<<<<
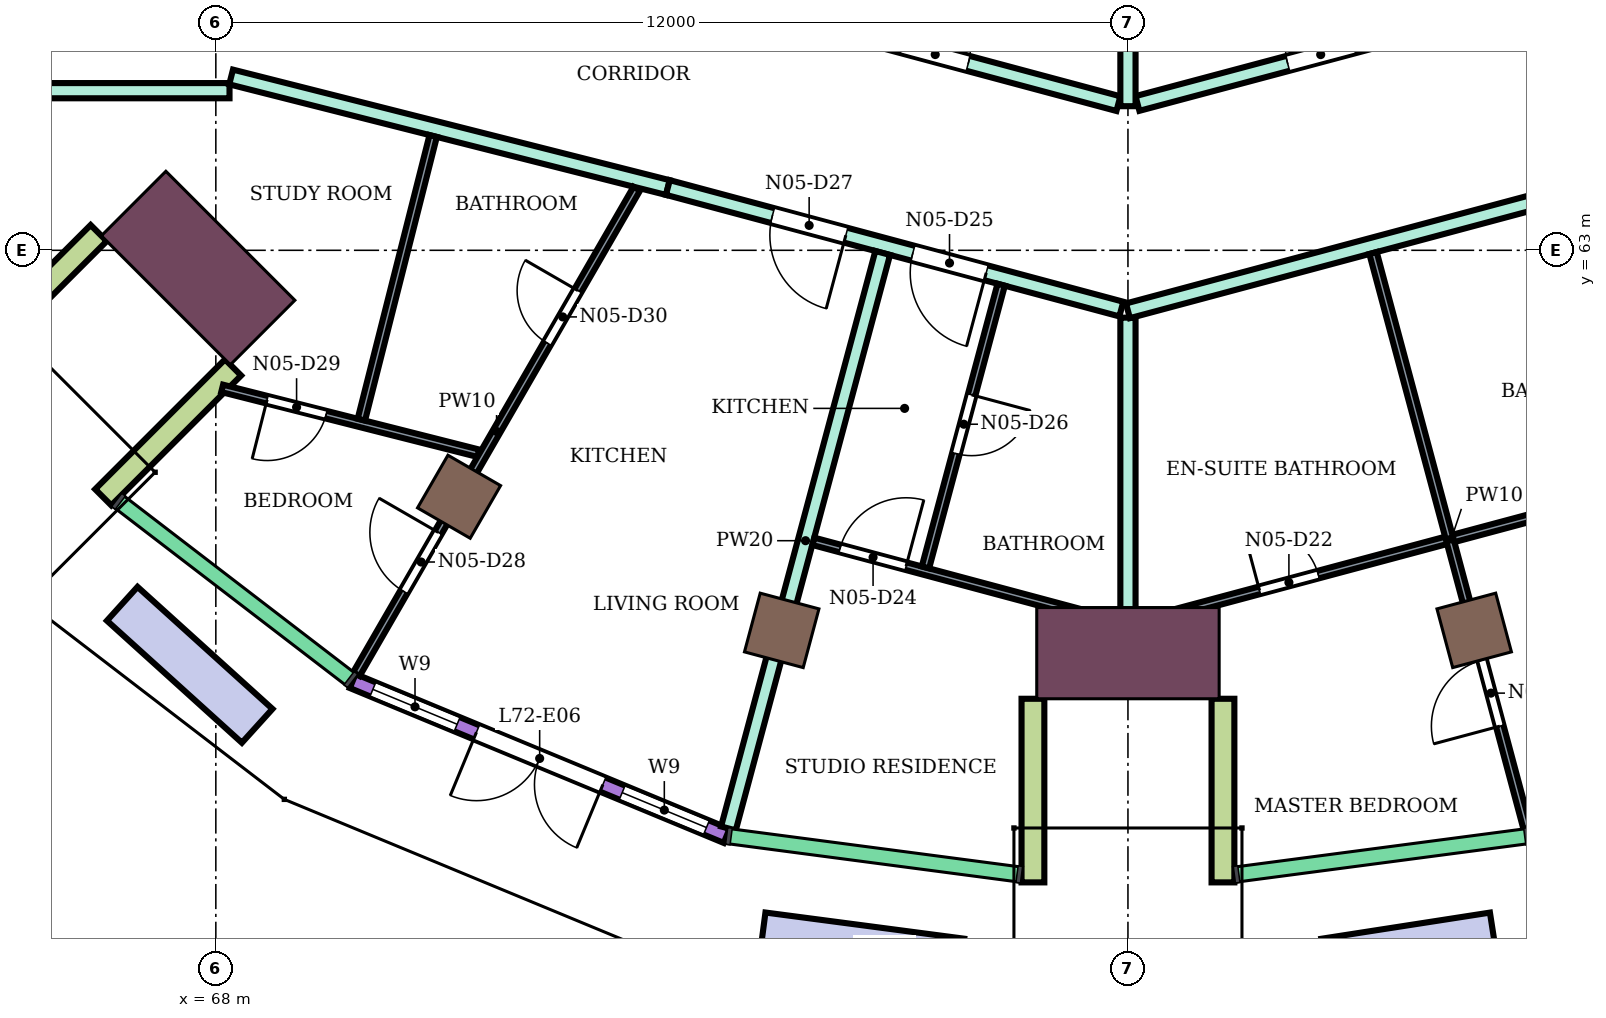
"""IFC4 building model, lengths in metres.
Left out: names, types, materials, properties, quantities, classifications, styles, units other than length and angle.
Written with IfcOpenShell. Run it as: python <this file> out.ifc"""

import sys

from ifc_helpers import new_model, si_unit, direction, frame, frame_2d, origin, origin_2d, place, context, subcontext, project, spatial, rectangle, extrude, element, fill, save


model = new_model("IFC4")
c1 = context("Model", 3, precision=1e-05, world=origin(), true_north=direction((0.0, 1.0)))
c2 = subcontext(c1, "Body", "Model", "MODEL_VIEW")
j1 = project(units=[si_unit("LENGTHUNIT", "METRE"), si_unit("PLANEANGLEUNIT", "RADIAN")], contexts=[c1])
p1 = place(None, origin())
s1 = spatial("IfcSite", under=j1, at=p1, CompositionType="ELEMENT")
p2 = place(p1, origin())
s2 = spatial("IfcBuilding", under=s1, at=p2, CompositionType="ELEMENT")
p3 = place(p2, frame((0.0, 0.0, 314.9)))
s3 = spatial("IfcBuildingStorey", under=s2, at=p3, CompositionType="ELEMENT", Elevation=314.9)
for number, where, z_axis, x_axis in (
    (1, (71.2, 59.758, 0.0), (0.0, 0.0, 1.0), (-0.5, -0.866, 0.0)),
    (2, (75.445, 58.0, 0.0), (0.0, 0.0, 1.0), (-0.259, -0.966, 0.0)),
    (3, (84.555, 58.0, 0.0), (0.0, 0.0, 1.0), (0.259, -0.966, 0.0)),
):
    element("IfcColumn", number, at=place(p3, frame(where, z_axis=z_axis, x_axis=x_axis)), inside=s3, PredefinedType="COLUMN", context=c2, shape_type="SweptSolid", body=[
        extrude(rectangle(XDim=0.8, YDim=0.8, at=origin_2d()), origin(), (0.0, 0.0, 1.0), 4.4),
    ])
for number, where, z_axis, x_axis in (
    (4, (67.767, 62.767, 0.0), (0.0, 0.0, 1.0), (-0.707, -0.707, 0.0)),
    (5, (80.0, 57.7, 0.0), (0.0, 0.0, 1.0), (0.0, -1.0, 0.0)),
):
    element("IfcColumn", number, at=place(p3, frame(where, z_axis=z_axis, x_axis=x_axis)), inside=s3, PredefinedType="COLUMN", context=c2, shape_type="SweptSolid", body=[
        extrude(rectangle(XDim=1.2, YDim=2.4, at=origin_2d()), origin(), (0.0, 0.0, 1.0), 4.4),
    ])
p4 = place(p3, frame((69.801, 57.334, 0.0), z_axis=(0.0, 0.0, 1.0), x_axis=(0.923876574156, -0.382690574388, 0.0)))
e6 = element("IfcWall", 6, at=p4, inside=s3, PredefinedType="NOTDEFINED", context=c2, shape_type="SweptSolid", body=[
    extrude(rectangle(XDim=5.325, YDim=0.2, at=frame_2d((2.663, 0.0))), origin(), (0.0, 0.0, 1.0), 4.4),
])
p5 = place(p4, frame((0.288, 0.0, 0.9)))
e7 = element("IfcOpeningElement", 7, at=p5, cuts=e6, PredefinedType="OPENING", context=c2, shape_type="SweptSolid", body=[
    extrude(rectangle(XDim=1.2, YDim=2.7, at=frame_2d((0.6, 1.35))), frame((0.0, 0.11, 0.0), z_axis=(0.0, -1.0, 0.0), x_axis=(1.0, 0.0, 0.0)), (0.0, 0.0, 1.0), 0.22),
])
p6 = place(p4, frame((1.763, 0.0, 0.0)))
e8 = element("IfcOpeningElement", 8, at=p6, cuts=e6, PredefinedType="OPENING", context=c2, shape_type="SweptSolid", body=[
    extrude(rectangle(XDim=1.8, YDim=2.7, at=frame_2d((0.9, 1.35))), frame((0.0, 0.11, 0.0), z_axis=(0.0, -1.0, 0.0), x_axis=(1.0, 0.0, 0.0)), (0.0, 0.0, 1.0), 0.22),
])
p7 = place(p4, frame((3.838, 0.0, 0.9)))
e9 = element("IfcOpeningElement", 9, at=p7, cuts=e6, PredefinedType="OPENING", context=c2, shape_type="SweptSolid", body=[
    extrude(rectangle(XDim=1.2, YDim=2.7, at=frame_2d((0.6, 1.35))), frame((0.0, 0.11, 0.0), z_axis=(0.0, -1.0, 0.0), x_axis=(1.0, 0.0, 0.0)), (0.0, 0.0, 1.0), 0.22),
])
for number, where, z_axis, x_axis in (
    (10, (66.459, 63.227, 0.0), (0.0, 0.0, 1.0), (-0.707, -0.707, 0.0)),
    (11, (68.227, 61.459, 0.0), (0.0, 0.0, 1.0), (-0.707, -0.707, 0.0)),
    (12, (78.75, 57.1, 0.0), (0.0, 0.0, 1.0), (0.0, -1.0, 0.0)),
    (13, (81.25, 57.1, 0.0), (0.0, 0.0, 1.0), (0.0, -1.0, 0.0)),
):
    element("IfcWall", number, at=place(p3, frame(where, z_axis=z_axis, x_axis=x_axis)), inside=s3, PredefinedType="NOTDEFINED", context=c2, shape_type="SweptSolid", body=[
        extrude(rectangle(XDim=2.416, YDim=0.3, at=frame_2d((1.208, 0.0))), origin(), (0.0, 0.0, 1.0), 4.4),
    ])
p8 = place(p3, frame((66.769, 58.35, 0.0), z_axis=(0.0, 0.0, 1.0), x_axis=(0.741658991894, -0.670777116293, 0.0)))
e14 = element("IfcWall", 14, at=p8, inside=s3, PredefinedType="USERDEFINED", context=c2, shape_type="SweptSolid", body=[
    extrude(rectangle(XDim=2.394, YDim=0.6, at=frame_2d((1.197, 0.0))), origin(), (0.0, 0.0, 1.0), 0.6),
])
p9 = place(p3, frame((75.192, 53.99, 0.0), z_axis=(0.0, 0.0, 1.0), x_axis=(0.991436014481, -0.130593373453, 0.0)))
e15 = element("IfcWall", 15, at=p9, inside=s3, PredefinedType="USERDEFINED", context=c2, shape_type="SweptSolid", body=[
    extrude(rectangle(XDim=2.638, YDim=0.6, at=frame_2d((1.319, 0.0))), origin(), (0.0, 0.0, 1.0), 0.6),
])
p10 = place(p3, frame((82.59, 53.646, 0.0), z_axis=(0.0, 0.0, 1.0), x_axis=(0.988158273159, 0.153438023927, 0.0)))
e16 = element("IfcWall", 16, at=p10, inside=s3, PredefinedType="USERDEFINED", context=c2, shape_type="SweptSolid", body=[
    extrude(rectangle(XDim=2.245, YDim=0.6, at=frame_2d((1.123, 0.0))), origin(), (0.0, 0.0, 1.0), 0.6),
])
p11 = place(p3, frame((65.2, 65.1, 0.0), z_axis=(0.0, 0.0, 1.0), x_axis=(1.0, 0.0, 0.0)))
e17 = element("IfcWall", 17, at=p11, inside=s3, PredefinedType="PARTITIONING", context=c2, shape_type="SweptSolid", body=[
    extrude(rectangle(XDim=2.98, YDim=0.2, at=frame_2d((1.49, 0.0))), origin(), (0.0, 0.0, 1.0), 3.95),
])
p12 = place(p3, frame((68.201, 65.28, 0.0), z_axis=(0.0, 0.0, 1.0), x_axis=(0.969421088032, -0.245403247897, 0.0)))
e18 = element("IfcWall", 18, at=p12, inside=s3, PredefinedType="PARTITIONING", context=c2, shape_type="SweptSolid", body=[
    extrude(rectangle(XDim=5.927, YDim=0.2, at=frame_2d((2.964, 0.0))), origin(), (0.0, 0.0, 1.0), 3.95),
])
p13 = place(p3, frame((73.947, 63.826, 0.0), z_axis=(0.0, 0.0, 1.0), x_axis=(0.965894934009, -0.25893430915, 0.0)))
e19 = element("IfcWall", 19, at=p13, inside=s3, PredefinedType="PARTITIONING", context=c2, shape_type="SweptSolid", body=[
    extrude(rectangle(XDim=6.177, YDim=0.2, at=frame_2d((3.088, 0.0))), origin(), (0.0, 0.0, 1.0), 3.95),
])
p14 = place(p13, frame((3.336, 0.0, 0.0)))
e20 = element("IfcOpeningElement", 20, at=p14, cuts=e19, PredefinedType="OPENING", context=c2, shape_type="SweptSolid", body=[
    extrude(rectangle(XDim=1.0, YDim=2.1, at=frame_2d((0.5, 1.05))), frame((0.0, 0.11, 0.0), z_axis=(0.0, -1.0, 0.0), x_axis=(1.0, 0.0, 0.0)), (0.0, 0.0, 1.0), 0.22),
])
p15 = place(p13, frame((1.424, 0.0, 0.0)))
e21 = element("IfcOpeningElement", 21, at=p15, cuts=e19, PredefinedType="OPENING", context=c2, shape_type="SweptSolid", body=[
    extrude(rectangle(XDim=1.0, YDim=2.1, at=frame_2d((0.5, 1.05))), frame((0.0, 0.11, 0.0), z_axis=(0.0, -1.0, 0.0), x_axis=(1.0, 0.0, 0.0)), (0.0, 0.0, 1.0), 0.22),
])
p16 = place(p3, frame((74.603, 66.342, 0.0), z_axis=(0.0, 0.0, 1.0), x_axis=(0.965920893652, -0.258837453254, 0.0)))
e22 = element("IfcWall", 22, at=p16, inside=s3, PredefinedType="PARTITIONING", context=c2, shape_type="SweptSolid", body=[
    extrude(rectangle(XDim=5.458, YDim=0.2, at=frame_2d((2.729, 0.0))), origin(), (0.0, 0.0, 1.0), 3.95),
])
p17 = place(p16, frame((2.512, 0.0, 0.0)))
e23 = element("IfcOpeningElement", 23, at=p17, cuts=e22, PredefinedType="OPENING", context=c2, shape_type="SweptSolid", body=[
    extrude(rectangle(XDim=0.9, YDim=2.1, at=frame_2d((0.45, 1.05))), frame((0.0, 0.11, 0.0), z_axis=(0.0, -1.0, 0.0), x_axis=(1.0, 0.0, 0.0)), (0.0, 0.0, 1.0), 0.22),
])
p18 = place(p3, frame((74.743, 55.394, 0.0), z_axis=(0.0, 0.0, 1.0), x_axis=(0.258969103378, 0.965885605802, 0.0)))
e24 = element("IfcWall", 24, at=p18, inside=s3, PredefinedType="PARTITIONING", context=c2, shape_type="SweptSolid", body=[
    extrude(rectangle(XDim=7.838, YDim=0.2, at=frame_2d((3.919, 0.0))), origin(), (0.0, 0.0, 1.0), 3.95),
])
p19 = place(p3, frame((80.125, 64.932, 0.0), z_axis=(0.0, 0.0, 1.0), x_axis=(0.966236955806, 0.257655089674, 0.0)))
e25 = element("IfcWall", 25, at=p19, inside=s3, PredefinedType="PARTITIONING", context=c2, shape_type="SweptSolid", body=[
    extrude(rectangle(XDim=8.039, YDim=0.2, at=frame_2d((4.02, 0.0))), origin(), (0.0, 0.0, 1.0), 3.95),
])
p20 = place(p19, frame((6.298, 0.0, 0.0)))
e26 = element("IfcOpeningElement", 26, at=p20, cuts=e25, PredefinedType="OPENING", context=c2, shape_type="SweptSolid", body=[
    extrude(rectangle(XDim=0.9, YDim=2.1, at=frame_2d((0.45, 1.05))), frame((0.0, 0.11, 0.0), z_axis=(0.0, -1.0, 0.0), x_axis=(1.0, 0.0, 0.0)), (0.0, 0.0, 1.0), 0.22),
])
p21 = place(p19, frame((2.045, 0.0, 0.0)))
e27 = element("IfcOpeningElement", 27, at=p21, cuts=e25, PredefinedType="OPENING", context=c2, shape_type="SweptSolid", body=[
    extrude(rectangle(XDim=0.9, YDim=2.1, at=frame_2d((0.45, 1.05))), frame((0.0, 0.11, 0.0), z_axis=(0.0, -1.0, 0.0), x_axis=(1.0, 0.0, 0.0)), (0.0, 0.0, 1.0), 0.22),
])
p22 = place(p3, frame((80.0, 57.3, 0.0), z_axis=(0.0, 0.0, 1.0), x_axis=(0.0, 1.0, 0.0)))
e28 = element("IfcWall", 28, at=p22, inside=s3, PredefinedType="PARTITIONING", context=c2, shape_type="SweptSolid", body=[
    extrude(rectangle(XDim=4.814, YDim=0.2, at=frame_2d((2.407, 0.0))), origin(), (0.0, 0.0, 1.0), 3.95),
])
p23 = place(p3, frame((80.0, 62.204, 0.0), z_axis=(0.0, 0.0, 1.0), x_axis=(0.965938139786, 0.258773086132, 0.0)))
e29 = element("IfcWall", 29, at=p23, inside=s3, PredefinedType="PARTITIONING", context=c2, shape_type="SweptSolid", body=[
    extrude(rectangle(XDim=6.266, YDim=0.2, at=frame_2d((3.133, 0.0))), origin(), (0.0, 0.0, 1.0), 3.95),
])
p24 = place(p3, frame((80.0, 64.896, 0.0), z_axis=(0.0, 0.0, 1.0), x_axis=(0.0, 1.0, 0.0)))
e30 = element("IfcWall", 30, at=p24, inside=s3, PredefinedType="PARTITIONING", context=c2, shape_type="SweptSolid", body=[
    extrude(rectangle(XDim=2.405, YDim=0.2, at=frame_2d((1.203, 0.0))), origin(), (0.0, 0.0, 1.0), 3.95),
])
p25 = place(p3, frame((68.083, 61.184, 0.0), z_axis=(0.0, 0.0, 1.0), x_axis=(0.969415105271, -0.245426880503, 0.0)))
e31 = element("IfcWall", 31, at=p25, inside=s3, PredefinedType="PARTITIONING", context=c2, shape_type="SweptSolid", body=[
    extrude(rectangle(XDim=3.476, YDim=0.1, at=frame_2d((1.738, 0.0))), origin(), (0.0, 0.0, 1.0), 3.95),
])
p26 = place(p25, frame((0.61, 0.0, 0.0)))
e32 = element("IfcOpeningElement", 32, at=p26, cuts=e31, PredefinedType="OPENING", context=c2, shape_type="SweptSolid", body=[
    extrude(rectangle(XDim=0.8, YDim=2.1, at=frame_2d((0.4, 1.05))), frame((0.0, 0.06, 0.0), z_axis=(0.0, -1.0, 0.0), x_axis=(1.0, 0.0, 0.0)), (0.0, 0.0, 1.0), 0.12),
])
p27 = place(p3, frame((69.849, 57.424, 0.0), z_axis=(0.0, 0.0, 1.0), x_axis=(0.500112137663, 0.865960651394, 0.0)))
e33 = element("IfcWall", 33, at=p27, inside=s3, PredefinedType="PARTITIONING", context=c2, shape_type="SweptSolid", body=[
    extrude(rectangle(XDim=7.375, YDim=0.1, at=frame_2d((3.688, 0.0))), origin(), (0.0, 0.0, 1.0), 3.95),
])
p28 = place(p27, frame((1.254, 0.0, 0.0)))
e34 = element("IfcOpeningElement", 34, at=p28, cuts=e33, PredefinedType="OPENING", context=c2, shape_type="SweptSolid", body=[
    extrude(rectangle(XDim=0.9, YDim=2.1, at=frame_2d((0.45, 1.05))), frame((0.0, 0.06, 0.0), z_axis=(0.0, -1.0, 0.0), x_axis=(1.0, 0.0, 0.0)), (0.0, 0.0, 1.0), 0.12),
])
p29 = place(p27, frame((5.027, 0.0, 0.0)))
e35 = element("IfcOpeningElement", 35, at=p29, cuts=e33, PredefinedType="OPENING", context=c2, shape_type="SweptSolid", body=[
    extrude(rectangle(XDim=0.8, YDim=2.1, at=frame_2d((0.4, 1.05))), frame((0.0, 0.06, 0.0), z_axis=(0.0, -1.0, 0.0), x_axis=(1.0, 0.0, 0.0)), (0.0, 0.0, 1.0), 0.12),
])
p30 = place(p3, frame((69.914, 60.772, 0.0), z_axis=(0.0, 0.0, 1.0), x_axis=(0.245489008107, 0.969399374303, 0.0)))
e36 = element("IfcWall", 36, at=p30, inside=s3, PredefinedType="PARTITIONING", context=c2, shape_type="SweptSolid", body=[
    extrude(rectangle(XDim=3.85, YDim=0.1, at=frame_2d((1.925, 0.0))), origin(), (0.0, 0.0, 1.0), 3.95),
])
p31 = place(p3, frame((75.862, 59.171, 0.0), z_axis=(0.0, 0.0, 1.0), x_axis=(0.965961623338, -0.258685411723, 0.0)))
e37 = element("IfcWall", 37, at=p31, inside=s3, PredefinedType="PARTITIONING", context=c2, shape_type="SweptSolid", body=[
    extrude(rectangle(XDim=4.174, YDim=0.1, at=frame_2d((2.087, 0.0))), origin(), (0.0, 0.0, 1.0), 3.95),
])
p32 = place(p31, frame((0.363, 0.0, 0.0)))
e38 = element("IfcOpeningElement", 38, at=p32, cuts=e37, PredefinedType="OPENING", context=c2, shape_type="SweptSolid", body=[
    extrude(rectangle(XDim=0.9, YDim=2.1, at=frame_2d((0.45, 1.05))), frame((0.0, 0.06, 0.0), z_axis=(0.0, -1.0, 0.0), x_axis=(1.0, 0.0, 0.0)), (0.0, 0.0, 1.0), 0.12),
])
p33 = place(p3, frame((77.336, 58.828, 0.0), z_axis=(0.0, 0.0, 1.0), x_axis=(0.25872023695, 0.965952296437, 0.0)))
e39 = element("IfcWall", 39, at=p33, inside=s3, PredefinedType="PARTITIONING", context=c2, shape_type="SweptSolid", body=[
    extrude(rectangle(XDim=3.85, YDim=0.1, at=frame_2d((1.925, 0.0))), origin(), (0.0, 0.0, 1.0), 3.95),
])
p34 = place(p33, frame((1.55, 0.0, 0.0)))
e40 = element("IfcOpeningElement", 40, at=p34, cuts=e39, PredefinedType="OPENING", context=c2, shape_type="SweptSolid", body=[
>>>>
Work required: Determine how many lines in the listing above contain the word "units". Provide that figure only.

Answer to the problem: 2